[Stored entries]
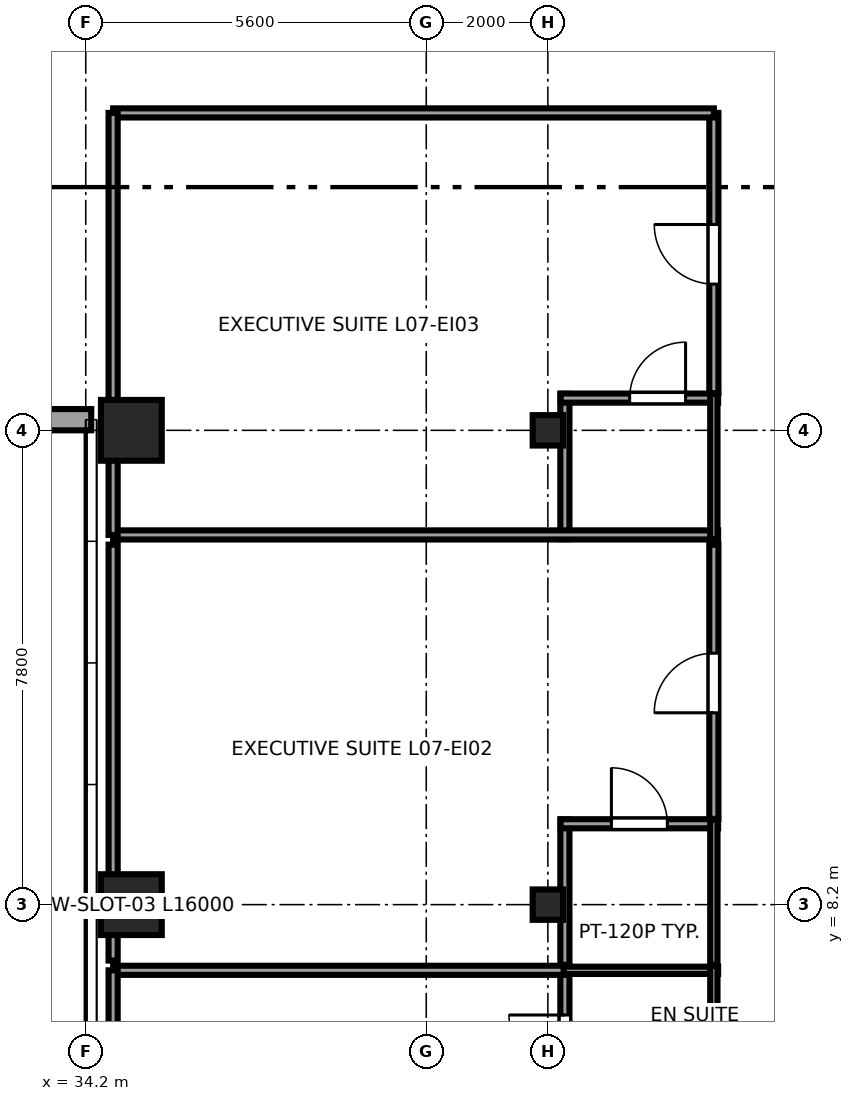
"""IFC4 building model, lengths in metres.
Left out: names, types, materials, properties, quantities, classifications, styles, units other than length and angle.
Written with IfcOpenShell. Run it as: python <this file> out.ifc"""

import sys

from ifc_helpers import new_model, si_unit, direction, frame, frame_2d, origin, origin_2d, place, context, subcontext, project, spatial, rectangle, i_section, extrude, source, transform, mapped, element, fill, save


model = new_model("IFC4")
c1 = context("Model", 3, precision=1e-05, world=origin(), true_north=direction((0.0, 1.0)))
c2 = subcontext(c1, "Body", "Model", "MODEL_VIEW")
j1 = project(units=[si_unit("LENGTHUNIT", "METRE"), si_unit("PLANEANGLEUNIT", "RADIAN")], contexts=[c1])
p1 = place(None, origin())
s1 = spatial("IfcSite", under=j1, at=p1, CompositionType="ELEMENT")
p2 = place(p1, origin())
s2 = spatial("IfcBuilding", under=s1, at=p2, CompositionType="ELEMENT")
p3 = place(p2, frame((0.0, 0.0, 35.55)))
s3 = spatial("IfcBuildingStorey", under=s2, at=p3, CompositionType="ELEMENT", Elevation=35.55)
m1 = source(origin(), c2, "Body", "SweptSolid", [
    extrude(rectangle(XDim=1.0, YDim=1.0, at=origin_2d()), origin(), (0.0, 0.0, 1.0), 3.55),
])
for number, where, z_axis, x_axis in (
    (1, (34.95, 8.2, 0.0), (0.0, 0.0, 1.0), (1.0, 0.0, 0.0)),
    (2, (34.95, 16.0, 0.0), (0.0, 0.0, 1.0), (1.0, 0.0, 0.0)),
):
    element("IfcColumn", number, at=place(p3, frame(where, z_axis=z_axis, x_axis=x_axis)), inside=s3, PredefinedType="COLUMN", context=c2, shape_type="MappedRepresentation", body=[
        mapped(m1, transform((0.0, 0.0, 0.0), x_axis=(1.0, 0.0, 0.0), y_axis=(0.0, 1.0, 0.0), z_axis=(0.0, 0.0, 1.0), scale=1.0)),
    ])
m2 = source(origin(), c2, "Body", "SweptSolid", [
    extrude(i_section(OverallWidth=0.5, OverallDepth=0.5, WebThickness=0.028, FlangeThickness=0.045, at=origin_2d()), origin(), (0.0, 0.0, 1.0), 3.55),
])
for number, where, z_axis, x_axis in (
    (3, (41.8, 8.2, 0.0), (0.0, 0.0, 1.0), (1.0, 0.0, 0.0)),
    (4, (41.8, 16.0, 0.0), (0.0, 0.0, 1.0), (1.0, 0.0, 0.0)),
):
    element("IfcColumn", number, at=place(p3, frame(where, z_axis=z_axis, x_axis=x_axis)), inside=s3, PredefinedType="COLUMN", context=c2, shape_type="MappedRepresentation", body=[
        mapped(m2, transform((0.0, 0.0, 0.0), x_axis=(1.0, 0.0, 0.0), y_axis=(0.0, 1.0, 0.0), z_axis=(0.0, 0.0, 1.0), scale=1.0)),
    ])
p4 = place(p3, frame((22.71, 16.175, 0.0), z_axis=(0.0, 0.0, 1.0), x_axis=(1.0, 0.0, 0.0)))
e5 = element("IfcWall", 5, at=p4, inside=s3, PredefinedType="SOLIDWALL", context=c2, shape_type="SweptSolid", body=[
    extrude(rectangle(XDim=11.58, YDim=0.35, at=frame_2d((5.79, 0.0))), origin(), (0.0, 0.0, 1.0), 2.748),
])
p5 = place(p4, frame((2.22, 0.0, 0.68)))
e6 = element("IfcOpeningElement", 6, at=p5, cuts=e5, PredefinedType="OPENING", context=c2, shape_type="SweptSolid", body=[
    extrude(rectangle(XDim=1.95, YDim=1.82, at=frame_2d((0.975, 0.91))), frame((0.0, 0.185, 0.0), z_axis=(0.0, -1.0, 0.0), x_axis=(1.0, 0.0, 0.0)), (0.0, 0.0, 1.0), 0.37),
])
p6 = place(p4, frame((7.41, 0.0, 0.68)))
e7 = element("IfcOpeningElement", 7, at=p6, cuts=e5, PredefinedType="OPENING", context=c2, shape_type="SweptSolid", body=[
    extrude(rectangle(XDim=1.95, YDim=1.82, at=frame_2d((0.975, 0.91))), frame((0.0, 0.185, 0.0), z_axis=(0.0, -1.0, 0.0), x_axis=(1.0, 0.0, 0.0)), (0.0, 0.0, 1.0), 0.37),
])
p7 = place(p3, frame((42.08, 4.8, 0.0), z_axis=(0.0, 0.0, 1.0), x_axis=(0.0, 1.0, 0.0)))
e8 = element("IfcWall", 8, at=p7, inside=s3, PredefinedType="PARTITIONING", context=c2, shape_type="SweptSolid", body=[
    extrude(rectangle(XDim=2.39, YDim=0.15, at=frame_2d((1.195, 0.0))), origin(), (0.0, 0.0, 1.0), 3.37),
])
p8 = place(p7, frame((0.665, 0.0, 0.0)))
e9 = element("IfcOpeningElement", 9, at=p8, cuts=e8, PredefinedType="OPENING", context=c2, shape_type="SweptSolid", body=[
    extrude(rectangle(XDim=0.92, YDim=2.01, at=frame_2d((0.46, 1.005))), frame((0.0, 0.085, 0.0), z_axis=(0.0, -1.0, 0.0), x_axis=(1.0, 0.0, 0.0)), (0.0, 0.0, 1.0), 0.17),
])
p9 = place(p3, frame((42.01, 7.12, 0.0), z_axis=(0.0, 0.0, 1.0), x_axis=(1.0, 0.0, 0.0)))
e10 = element("IfcWall", 10, at=p9, inside=s3, PredefinedType="PLUMBINGWALL", context=c2, shape_type="SweptSolid", body=[
    extrude(rectangle(XDim=2.59, YDim=0.12, at=frame_2d((1.295, 0.0))), origin(), (0.0, 0.0, 1.0), 3.37),
])
p10 = place(p3, frame((44.53, 4.8, 0.0), z_axis=(0.0, 0.0, 1.0), x_axis=(0.0, 1.0, 0.0)))
e11 = element("IfcWall", 11, at=p10, inside=s3, PredefinedType="PLUMBINGWALL", context=c2, shape_type="SweptSolid", body=[
    extrude(rectangle(XDim=2.39, YDim=0.12, at=frame_2d((1.195, 0.0))), origin(), (0.0, 0.0, 1.0), 3.37),
])
p11 = place(p3, frame((42.08, 7.21, 0.0), z_axis=(0.0, 0.0, 1.0), x_axis=(0.0, 1.0, 0.0)))
e12 = element("IfcWall", 12, at=p11, inside=s3, PredefinedType="PARTITIONING", context=c2, shape_type="SweptSolid", body=[
    extrude(rectangle(XDim=2.39, YDim=0.15, at=frame_2d((1.195, 0.0))), origin(), (0.0, 0.0, 1.0), 3.37),
])
p12 = place(p3, frame((42.01, 9.53, 0.0), z_axis=(0.0, 0.0, 1.0), x_axis=(1.0, 0.0, 0.0)))
e13 = element("IfcWall", 13, at=p12, inside=s3, PredefinedType="PARTITIONING", context=c2, shape_type="SweptSolid", body=[
    extrude(rectangle(XDim=2.59, YDim=0.15, at=frame_2d((1.295, 0.0))), origin(), (0.0, 0.0, 1.0), 3.37),
])
p13 = place(p12, frame((0.835, 0.0, 0.0)))
e14 = element("IfcOpeningElement", 14, at=p13, cuts=e13, PredefinedType="OPENING", context=c2, shape_type="SweptSolid", body=[
    extrude(rectangle(XDim=0.92, YDim=2.01, at=frame_2d((0.46, 1.005))), frame((0.0, 0.085, 0.0), z_axis=(0.0, -1.0, 0.0), x_axis=(1.0, 0.0, 0.0)), (0.0, 0.0, 1.0), 0.17),
])
p14 = place(p3, frame((44.53, 7.21, 0.0), z_axis=(0.0, 0.0, 1.0), x_axis=(0.0, 1.0, 0.0)))
e15 = element("IfcWall", 15, at=p14, inside=s3, PredefinedType="PLUMBINGWALL", context=c2, shape_type="SweptSolid", body=[
    extrude(rectangle(XDim=2.39, YDim=0.12, at=frame_2d((1.195, 0.0))), origin(), (0.0, 0.0, 1.0), 3.37),
])
p15 = place(p3, frame((42.08, 14.21, 0.0), z_axis=(0.0, 0.0, 1.0), x_axis=(0.0, 1.0, 0.0)))
e16 = element("IfcWall", 16, at=p15, inside=s3, PredefinedType="PARTITIONING", context=c2, shape_type="SweptSolid", body=[
    extrude(rectangle(XDim=2.39, YDim=0.15, at=frame_2d((1.195, 0.0))), origin(), (0.0, 0.0, 1.0), 3.37),
])
p16 = place(p3, frame((34.65, 14.28, 0.0), z_axis=(0.0, 0.0, 1.0), x_axis=(1.0, 0.0, 0.0)))
e17 = element("IfcWall", 17, at=p16, inside=s3, PredefinedType="PARTITIONING", context=c2, shape_type="SweptSolid", body=[
    extrude(rectangle(XDim=9.95, YDim=0.15, at=frame_2d((4.975, 0.0))), origin(), (0.0, 0.0, 1.0), 3.37),
])
p17 = place(p3, frame((42.01, 16.53, 0.0), z_axis=(0.0, 0.0, 1.0), x_axis=(1.0, 0.0, 0.0)))
e18 = element("IfcWall", 18, at=p17, inside=s3, PredefinedType="PARTITIONING", context=c2, shape_type="SweptSolid", body=[
    extrude(rectangle(XDim=2.59, YDim=0.15, at=frame_2d((1.295, 0.0))), origin(), (0.0, 0.0, 1.0), 3.37),
])
p18 = place(p17, frame((1.135, 0.0, 0.0)))
e19 = element("IfcOpeningElement", 19, at=p18, cuts=e18, PredefinedType="OPENING", context=c2, shape_type="SweptSolid", body=[
    extrude(rectangle(XDim=0.92, YDim=2.01, at=frame_2d((0.46, 1.005))), frame((0.0, 0.085, 0.0), z_axis=(0.0, -1.0, 0.0), x_axis=(1.0, 0.0, 0.0)), (0.0, 0.0, 1.0), 0.17),
])
p19 = place(p3, frame((44.53, 14.21, 0.0), z_axis=(0.0, 0.0, 1.0), x_axis=(0.0, 1.0, 0.0)))
e20 = element("IfcWall", 20, at=p19, inside=s3, PredefinedType="PLUMBINGWALL", context=c2, shape_type="SweptSolid", body=[
    extrude(rectangle(XDim=2.39, YDim=0.12, at=frame_2d((1.195, 0.0))), origin(), (0.0, 0.0, 1.0), 3.37),
])
p20 = place(p3, frame((34.65, 7.12, 0.0), z_axis=(0.0, 0.0, 1.0), x_axis=(1.0, 0.0, 0.0)))
e21 = element("IfcWall", 21, at=p20, inside=s3, PredefinedType="PARTITIONING", context=c2, shape_type="SweptSolid", body=[
    extrude(rectangle(XDim=7.41, YDim=0.15, at=frame_2d((3.705, 0.0))), origin(), (0.0, 0.0, 1.0), 3.37),
])
p21 = place(p3, frame((34.65, 0.405, 0.0), z_axis=(0.0, 0.0, 1.0), x_axis=(0.0, 1.0, 0.0)))
e22 = element("IfcWall", 22, at=p21, inside=s3, PredefinedType="PARTITIONING", context=c2, shape_type="SweptSolid", body=[
    extrude(rectangle(XDim=6.715, YDim=0.15, at=frame_2d((3.357, 0.0))), origin(), (0.0, 0.0, 1.0), 3.37),
])
p22 = place(p3, frame((44.53, 9.61, 0.0), z_axis=(0.0, 0.0, 1.0), x_axis=(0.0, 1.0, 0.0)))
e23 = element("IfcWall", 23, at=p22, inside=s3, PredefinedType="PARTITIONING", context=c2, shape_type="SweptSolid", body=[
    extrude(rectangle(XDim=4.51, YDim=0.15, at=frame_2d((2.255, 0.0))), origin(), (0.0, 0.0, 1.0), 3.37),
])
p23 = place(p22, frame((1.745, 0.0, 0.0)))
e24 = element("IfcOpeningElement", 24, at=p23, cuts=e23, PredefinedType="OPENING", context=c2, shape_type="SweptSolid", body=[
    extrude(rectangle(XDim=0.98, YDim=2.12, at=frame_2d((0.49, 1.06))), frame((0.0, 0.085, 0.0), z_axis=(0.0, -1.0, 0.0), x_axis=(1.0, 0.0, 0.0)), (0.0, 0.0, 1.0), 0.17),
])
p24 = place(p3, frame((34.65, 7.28, 0.0), z_axis=(0.0, 0.0, 1.0), x_axis=(0.0, 1.0, 0.0)))
e25 = element("IfcWall", 25, at=p24, inside=s3, PredefinedType="PARTITIONING", context=c2, shape_type="SweptSolid", body=[
    extrude(rectangle(XDim=6.84, YDim=0.15, at=frame_2d((3.42, 0.0))), origin(), (0.0, 0.0, 1.0), 3.37),
])
p25 = place(p3, frame((44.53, 16.61, 0.0), z_axis=(0.0, 0.0, 1.0), x_axis=(0.0, 1.0, 0.0)))
e26 = element("IfcWall", 26, at=p25, inside=s3, PredefinedType="PARTITIONING", context=c2, shape_type="SweptSolid", body=[
    extrude(rectangle(XDim=4.61, YDim=0.15, at=frame_2d((2.305, 0.0))), origin(), (0.0, 0.0, 1.0), 3.37),
])
p26 = place(p25, frame((1.795, 0.0, 0.0)))
e27 = element("IfcOpeningElement", 27, at=p26, cuts=e26, PredefinedType="OPENING", context=c2, shape_type="SweptSolid", body=[
    extrude(rectangle(XDim=0.98, YDim=2.12, at=frame_2d((0.49, 1.06))), frame((0.0, 0.085, 0.0), z_axis=(0.0, -1.0, 0.0), x_axis=(1.0, 0.0, 0.0)), (0.0, 0.0, 1.0), 0.17),
])
p27 = place(p3, frame((34.65, 21.22, 0.0), z_axis=(0.0, 0.0, 1.0), x_axis=(1.0, 0.0, 0.0)))
e28 = element("IfcWall", 28, at=p27, inside=s3, PredefinedType="PARTITIONING", context=c2, shape_type="SweptSolid", body=[
    extrude(rectangle(XDim=9.88, YDim=0.15, at=frame_2d((4.94, 0.0))), origin(), (0.0, 0.0, 1.0), 3.37),
])
p28 = place(p3, frame((34.65, 14.28, 0.0), z_axis=(0.0, 0.0, 1.0), x_axis=(0.0, 1.0, 0.0)))
e29 = element("IfcWall", 29, at=p28, inside=s3, PredefinedType="PARTITIONING", context=c2, shape_type="SweptSolid", body=[
    extrude(rectangle(XDim=6.94, YDim=0.15, at=frame_2d((3.47, 0.0))), origin(), (0.0, 0.0, 1.0), 3.37),
])
m3 = source(origin(), c2, "Body", "SweptSolid", [
    extrude(rectangle(XDim=0.92, YDim=2.01, at=frame_2d((0.46, 1.005))), frame((0.0, 0.025, 0.0), z_axis=(0.0, -1.0, 0.0), x_axis=(1.0, 0.0, 0.0)), (0.0, 0.0, 1.0), 0.05),
])
p29 = place(p8, origin())
e30 = element("IfcDoor", 30, at=p29, inside=s3, OperationType="SINGLE_SWING_RIGHT", PredefinedType="DOOR", context=c2, shape_type="MappedRepresentation", body=[
    mapped(m3, transform((0.0, 0.0, 0.0), x_axis=(1.0, 0.0, 0.0), y_axis=(0.0, 1.0, 0.0), z_axis=(0.0, 0.0, 1.0), scale=1.0)),
])
fill(e9, e30)
p30 = place(p13, origin())
e31 = element("IfcDoor", 31, at=p30, inside=s3, OperationType="SINGLE_SWING_LEFT", PredefinedType="DOOR", context=c2, shape_type="MappedRepresentation", body=[
    mapped(m3, transform((0.0, 0.0, 0.0), x_axis=(1.0, 0.0, 0.0), y_axis=(0.0, 1.0, 0.0), z_axis=(0.0, 0.0, 1.0), scale=1.0)),
])
fill(e14, e31)
p31 = place(p18, origin())
e32 = element("IfcDoor", 32, at=p31, inside=s3, OperationType="SINGLE_SWING_RIGHT", PredefinedType="DOOR", context=c2, shape_type="MappedRepresentation", body=[
    mapped(m3, transform((0.0, 0.0, 0.0), x_axis=(1.0, 0.0, 0.0), y_axis=(0.0, 1.0, 0.0), z_axis=(0.0, 0.0, 1.0), scale=1.0)),
])
fill(e19, e32)
m4 = source(origin(), c2, "Body", "SweptSolid", [
    extrude(rectangle(XDim=0.98, YDim=2.12, at=frame_2d((0.49, 1.06))), frame((0.0, 0.025, 0.0), z_axis=(0.0, -1.0, 0.0), x_axis=(1.0, 0.0, 0.0)), (0.0, 0.0, 1.0), 0.05),
])
p32 = place(p23, origin())
e33 = element("IfcDoor", 33, at=p32, inside=s3, OperationType="SINGLE_SWING_LEFT", PredefinedType="DOOR", context=c2, shape_type="MappedRepresentation", body=[
    mapped(m4, transform((0.0, 0.0, 0.0), x_axis=(1.0, 0.0, 0.0), y_axis=(0.0, 1.0, 0.0), z_axis=(0.0, 0.0, 1.0), scale=1.0)),
])
fill(e24, e33)
p33 = place(p26, origin())
e34 = element("IfcDoor", 34, at=p33, inside=s3, OperationType="SINGLE_SWING_RIGHT", PredefinedType="DOOR", context=c2, shape_type="MappedRepresentation", body=[
    mapped(m4, transform((0.0, 0.0, 0.0), x_axis=(1.0, 0.0, 0.0), y_axis=(0.0, 1.0, 0.0), z_axis=(0.0, 0.0, 1.0), scale=1.0)),
])
fill(e27, e34)
save(model, sys.argv[1])

Task to carry out » Among the records above, find each line holding "project" and list it.

Output for this task »
from ifc_helpers import new_model, si_unit, direction, frame, frame_2d, origin, origin_2d, place, context, subcontext, project, spatial, rectangle, i_section, extrude, source, transform, mapped, element, fill, save
j1 = project(units=[si_unit("LENGTHUNIT", "METRE"), si_unit("PLANEANGLEUNIT", "RADIAN")], contexts=[c1])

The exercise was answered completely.